● Collected data:
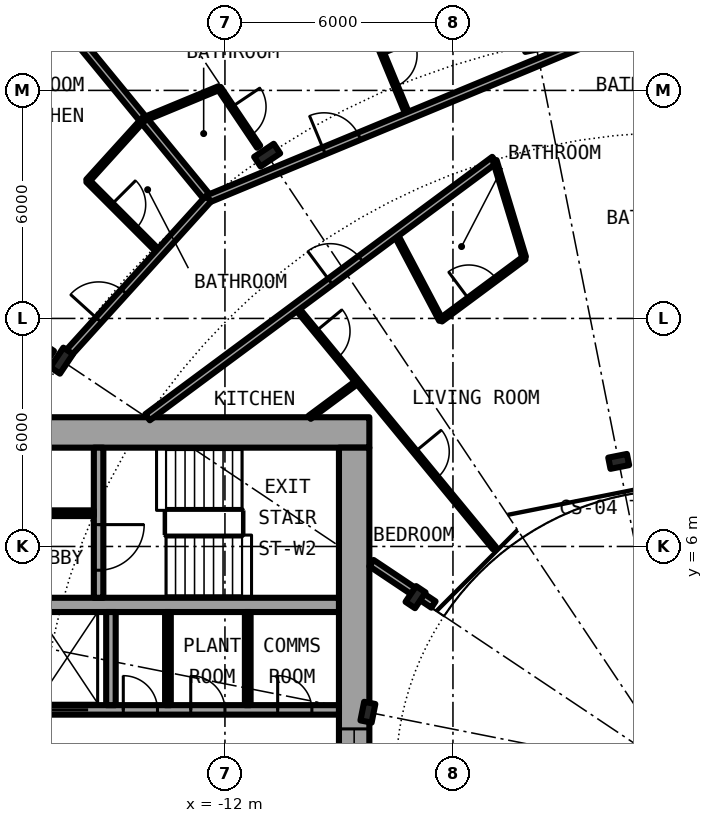
"""IFC4 building model, lengths in metres.
Left out: names, types, materials, properties, quantities, classifications, styles, units other than length and angle.
Written with IfcOpenShell. Run it as: python <this file> out.ifc"""

import sys

from ifc_helpers import new_model, si_unit, direction, frame, frame_2d, origin, origin_2d, place, context, subcontext, project, spatial, rectangle, i_section, extrude, element, fill, save


model = new_model("IFC4")
c1 = context("Model", 3, precision=1e-05, world=origin(), true_north=direction((0.0, 1.0)))
c2 = subcontext(c1, "Body", "Model", "MODEL_VIEW")
j1 = project(units=[si_unit("LENGTHUNIT", "METRE"), si_unit("PLANEANGLEUNIT", "RADIAN")], contexts=[c1])
p1 = place(None, origin())
s1 = spatial("IfcSite", under=j1, at=p1, CompositionType="ELEMENT")
p2 = place(p1, origin())
s2 = spatial("IfcBuilding", under=s1, at=p2, CompositionType="ELEMENT")
p3 = place(p2, frame((0.0, 0.0, 47.2)))
s3 = spatial("IfcBuildingStorey", under=s2, at=p3, CompositionType="ELEMENT", Elevation=47.2)
for number, where, z_axis, x_axis in (
    (1, (-10.889, 16.297, 0.0), (0.0, 0.0, 1.0), (-0.556, 0.831, 0.0)),
    (2, (-16.297, 10.889, 0.0), (0.0, 0.0, 1.0), (-0.831, 0.556, 0.0)),
):
    element("IfcColumn", number, at=place(p3, frame(where, z_axis=z_axis, x_axis=x_axis)), inside=s3, PredefinedType="COLUMN", context=c2, shape_type="SweptSolid", body=[
        extrude(i_section(OverallWidth=0.305, OverallDepth=0.62, WebThickness=0.021, FlangeThickness=0.04, FilletRadius=0.027, at=origin_2d()), origin(), (0.0, 0.0, 1.0), 3.05),
    ])
for number, where, z_axis, x_axis in (
    (3, (-1.639, 8.239, 0.0), (0.0, 0.0, 1.0), (-0.195, 0.981, 0.0)),
    (4, (-6.984, 4.667, 0.0), (0.0, 0.0, 1.0), (-0.831, 0.556, 0.0)),
    (5, (-8.239, 1.639, 0.0), (0.0, 0.0, 1.0), (-0.981, 0.195, 0.0)),
):
    element("IfcColumn", number, at=place(p3, frame(where, z_axis=z_axis, x_axis=x_axis)), inside=s3, PredefinedType="COLUMN", context=c2, shape_type="SweptSolid", body=[
        extrude(i_section(OverallWidth=0.3, OverallDepth=0.5, WebThickness=0.014, FlangeThickness=0.028, FilletRadius=0.027, at=origin_2d()), origin(), (0.0, 0.0, 1.0), 3.05),
    ])
p4 = place(p3, frame((-8.2, 9.0, 0.0), z_axis=(0.0, 0.0, 1.0), x_axis=(-1.0, 0.0, 0.0)))
e6 = element("IfcWall", 6, at=p4, inside=s3, PredefinedType="SHEAR", context=c2, shape_type="SweptSolid", body=[
    extrude(rectangle(XDim=14.2, YDim=0.8, at=frame_2d((7.1, 0.0))), origin(), (0.0, 0.0, 1.0), 3.05),
])
p5 = place(p4, frame((11.675, 0.0, 0.0)))
e7 = element("IfcOpeningElement", 7, at=p5, cuts=e6, PredefinedType="OPENING", context=c2, shape_type="SweptSolid", body=[
    extrude(rectangle(XDim=1.2, YDim=2.3, at=frame_2d((0.6, 1.15))), frame((0.0, 0.41, 0.0), z_axis=(0.0, -1.0, 0.0), x_axis=(1.0, 0.0, 0.0)), (0.0, 0.0, 1.0), 0.82),
])
p6 = place(p3, frame((-8.6, 8.6, 0.0), z_axis=(0.0, 0.0, 1.0), x_axis=(0.0, -1.0, 0.0)))
e8 = element("IfcWall", 8, at=p6, inside=s3, PredefinedType="SHEAR", context=c2, shape_type="SweptSolid", body=[
    extrude(rectangle(XDim=17.2, YDim=0.8, at=frame_2d((8.6, 0.0))), origin(), (0.0, 0.0, 1.0), 3.05),
])
p7 = place(p6, frame((7.4, 0.0, 0.1)))
e9 = element("IfcOpeningElement", 9, at=p7, cuts=e8, PredefinedType="OPENING", context=c2, shape_type="SweptSolid", body=[
    extrude(rectangle(XDim=2.4, YDim=2.2, at=frame_2d((1.2, 1.1))), frame((0.0, 0.41, 0.0), z_axis=(0.0, -1.0, 0.0), x_axis=(1.0, 0.0, 0.0)), (0.0, 0.0, 1.0), 0.82),
])
p8 = place(p3, frame((-19.15, 1.7, 0.0), z_axis=(0.0, 0.0, 1.0), x_axis=(1.0, 0.0, 0.0)))
e10 = element("IfcWall", 10, at=p8, inside=s3, PredefinedType="SHEAR", context=c2, shape_type="SweptSolid", body=[
    extrude(rectangle(XDim=10.15, YDim=0.25, at=frame_2d((5.075, 0.0))), origin(), (0.0, 0.0, 1.0), 3.05),
])
p9 = place(p8, frame((2.45, 0.0, 0.0)))
e11 = element("IfcOpeningElement", 11, at=p9, cuts=e10, PredefinedType="OPENING", context=c2, shape_type="SweptSolid", body=[
    extrude(rectangle(XDim=1.1, YDim=2.3, at=frame_2d((0.55, 1.15))), frame((0.0, 0.135, 0.0), z_axis=(0.0, -1.0, 0.0), x_axis=(1.0, 0.0, 0.0)), (0.0, 0.0, 1.0), 0.27),
])
p10 = place(p8, frame((8.538, 0.0, 0.0)))
e12 = element("IfcOpeningElement", 12, at=p10, cuts=e10, PredefinedType="OPENING", context=c2, shape_type="SweptSolid", body=[
    extrude(rectangle(XDim=0.9, YDim=2.3, at=frame_2d((0.45, 1.15))), frame((0.0, 0.135, 0.0), z_axis=(0.0, -1.0, 0.0), x_axis=(1.0, 0.0, 0.0)), (0.0, 0.0, 1.0), 0.27),
])
p11 = place(p8, frame((6.25, 0.0, 0.0)))
e13 = element("IfcOpeningElement", 13, at=p11, cuts=e10, PredefinedType="OPENING", context=c2, shape_type="SweptSolid", body=[
    extrude(rectangle(XDim=0.9, YDim=2.3, at=frame_2d((0.45, 1.15))), frame((0.0, 0.135, 0.0), z_axis=(0.0, -1.0, 0.0), x_axis=(1.0, 0.0, 0.0)), (0.0, 0.0, 1.0), 0.27),
])
p12 = place(p8, frame((4.475, 0.0, 0.0)))
e14 = element("IfcOpeningElement", 14, at=p12, cuts=e10, PredefinedType="OPENING", context=c2, shape_type="SweptSolid", body=[
    extrude(rectangle(XDim=0.9, YDim=2.3, at=frame_2d((0.45, 1.15))), frame((0.0, 0.135, 0.0), z_axis=(0.0, -1.0, 0.0), x_axis=(1.0, 0.0, 0.0)), (0.0, 0.0, 1.0), 0.27),
])
p13 = place(p3, frame((-9.0, 4.462, 0.0), z_axis=(0.0, 0.0, 1.0), x_axis=(-1.0, 0.0, 0.0)))
e15 = element("IfcWall", 15, at=p13, inside=s3, PredefinedType="SHEAR", context=c2, shape_type="SweptSolid", body=[
    extrude(rectangle(XDim=10.15, YDim=0.375, at=frame_2d((5.075, 0.0))), origin(), (0.0, 0.0, 1.0), 3.05),
])
p14 = place(p3, frame((-15.325, 8.6, 0.0), z_axis=(0.0, 0.0, 1.0), x_axis=(0.0, -1.0, 0.0)))
e16 = element("IfcWall", 16, at=p14, inside=s3, PredefinedType="SHEAR", context=c2, shape_type="SweptSolid", body=[
    extrude(rectangle(XDim=3.95, YDim=0.25, at=frame_2d((1.975, 0.0))), origin(), (0.0, 0.0, 1.0), 3.05),
])
p15 = place(p14, frame((2.025, 0.0, 0.0)))
e17 = element("IfcOpeningElement", 17, at=p15, cuts=e16, PredefinedType="OPENING", context=c2, shape_type="SweptSolid", body=[
    extrude(rectangle(XDim=1.2, YDim=2.3, at=frame_2d((0.6, 1.15))), frame((0.0, 0.135, 0.0), z_axis=(0.0, -1.0, 0.0), x_axis=(1.0, 0.0, 0.0)), (0.0, 0.0, 1.0), 0.27),
])
p16 = place(p3, frame((-15.0, 1.825, 0.0), z_axis=(0.0, 0.0, 1.0), x_axis=(0.0, 1.0, 0.0)))
e18 = element("IfcWall", 18, at=p16, inside=s3, PredefinedType="SOLIDWALL", context=c2, shape_type="SweptSolid", body=[
    extrude(rectangle(XDim=2.45, YDim=0.25, at=frame_2d((1.225, 0.0))), origin(), (0.0, 0.0, 1.0), 2.7),
])
for number, where, z_axis, x_axis in (
    (19, (-11.4, 1.825, 0.0), (0.0, 0.0, 1.0), (0.0, 1.0, 0.0)),
    (20, (-13.5, 1.825, 0.0), (0.0, 0.0, 1.0), (0.0, 1.0, 0.0)),
):
    element("IfcWall", number, at=place(p3, frame(where, z_axis=z_axis, x_axis=x_axis)), inside=s3, PredefinedType="PARTITIONING", context=c2, shape_type="SweptSolid", body=[
        extrude(rectangle(XDim=2.45, YDim=0.15, at=frame_2d((1.225, 0.0))), origin(), (0.0, 0.0, 1.0), 2.7),
    ])
p17 = place(p3, frame((-15.45, 6.875, 0.0), z_axis=(0.0, 0.0, 1.0), x_axis=(-1.0, 0.0, 0.0)))
e21 = element("IfcWall", 21, at=p17, inside=s3, PredefinedType="PARTITIONING", context=c2, shape_type="SweptSolid", body=[
    extrude(rectangle(XDim=3.7, YDim=0.15, at=frame_2d((1.85, 0.0))), origin(), (0.0, 0.0, 1.0), 2.7),
])
p18 = place(p17, frame((1.4, 0.0, 0.0)))
e22 = element("IfcOpeningElement", 22, at=p18, cuts=e21, PredefinedType="OPENING", context=c2, shape_type="SweptSolid", body=[
    extrude(rectangle(XDim=0.9, YDim=2.3, at=frame_2d((0.45, 1.15))), frame((0.0, 0.085, 0.0), z_axis=(0.0, -1.0, 0.0), x_axis=(1.0, 0.0, 0.0)), (0.0, 0.0, 1.0), 0.17),
])
p19 = place(p3, frame((-10.398, 25.107, 0.0), z_axis=(0.0, 0.0, 1.0), x_axis=(0.382458509789, -0.923972666419, 0.0)))
e23 = element("IfcWall", 23, at=p19, inside=s3, PredefinedType="PARTITIONING", context=c2, shape_type="SweptSolid", body=[
    extrude(rectangle(XDim=8.419, YDim=0.1, at=frame_2d((4.209, 0.0))), origin(), (0.0, 0.0, 1.0), 2.7),
])
p20 = place(p19, frame((6.677, 0.0, 0.0)))
e24 = element("IfcOpeningElement", 24, at=p20, cuts=e23, PredefinedType="OPENING", context=c2, shape_type="SweptSolid", body=[
    extrude(rectangle(XDim=0.9, YDim=2.3, at=frame_2d((0.45, 1.15))), frame((0.0, 0.06, 0.0), z_axis=(0.0, -1.0, 0.0), x_axis=(1.0, 0.0, 0.0)), (0.0, 0.0, 1.0), 0.12),
])
p21 = place(p19, frame((2.468, 0.0, 0.0)))
e25 = element("IfcOpeningElement", 25, at=p21, cuts=e23, PredefinedType="OPENING", context=c2, shape_type="SweptSolid", body=[
    extrude(rectangle(XDim=0.9, YDim=2.3, at=frame_2d((0.45, 1.15))), frame((0.0, 0.06, 0.0), z_axis=(0.0, -1.0, 0.0), x_axis=(1.0, 0.0, 0.0)), (0.0, 0.0, 1.0), 0.12),
])
p22 = place(p3, frame((-22.596, 15.097, 0.0), z_axis=(0.0, 0.0, 1.0), x_axis=(0.831507055747, -0.555514190857, 0.0)))
e26 = element("IfcWall", 26, at=p22, inside=s3, PredefinedType="PARTITIONING", context=c2, shape_type="SweptSolid", body=[
    extrude(rectangle(XDim=7.265, YDim=0.2, at=frame_2d((3.633, 0.0))), origin(), (0.0, 0.0, 1.0), 2.7),
])
p23 = place(p3, frame((-17.243, 21.005, 0.0), z_axis=(0.0, 0.0, 1.0), x_axis=(0.63447412651, -0.772944100689, 0.0)))
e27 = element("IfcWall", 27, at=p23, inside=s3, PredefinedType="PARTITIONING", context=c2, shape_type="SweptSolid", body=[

● What the task asks: Every line above holding the string "OPENING" should be listed.

● Task result:
e7 = element("IfcOpeningElement", 7, at=p5, cuts=e6, PredefinedType="OPENING", context=c2, shape_type="SweptSolid", body=[
e9 = element("IfcOpeningElement", 9, at=p7, cuts=e8, PredefinedType="OPENING", context=c2, shape_type="SweptSolid", body=[
e11 = element("IfcOpeningElement", 11, at=p9, cuts=e10, PredefinedType="OPENING", context=c2, shape_type="SweptSolid", body=[
e12 = element("IfcOpeningElement", 12, at=p10, cuts=e10, PredefinedType="OPENING", context=c2, shape_type="SweptSolid", body=[
e13 = element("IfcOpeningElement", 13, at=p11, cuts=e10, PredefinedType="OPENING", context=c2, shape_type="SweptSolid", body=[
e14 = element("IfcOpeningElement", 14, at=p12, cuts=e10, PredefinedType="OPENING", context=c2, shape_type="SweptSolid", body=[
e17 = element("IfcOpeningElement", 17, at=p15, cuts=e16, PredefinedType="OPENING", context=c2, shape_type="SweptSolid", body=[
e22 = element("IfcOpeningElement", 22, at=p18, cuts=e21, PredefinedType="OPENING", context=c2, shape_type="SweptSolid", body=[
e24 = element("IfcOpeningElement", 24, at=p20, cuts=e23, PredefinedType="OPENING", context=c2, shape_type="SweptSolid", body=[
e25 = element("IfcOpeningElement", 25, at=p21, cuts=e23, PredefinedType="OPENING", context=c2, shape_type="SweptSolid", body=[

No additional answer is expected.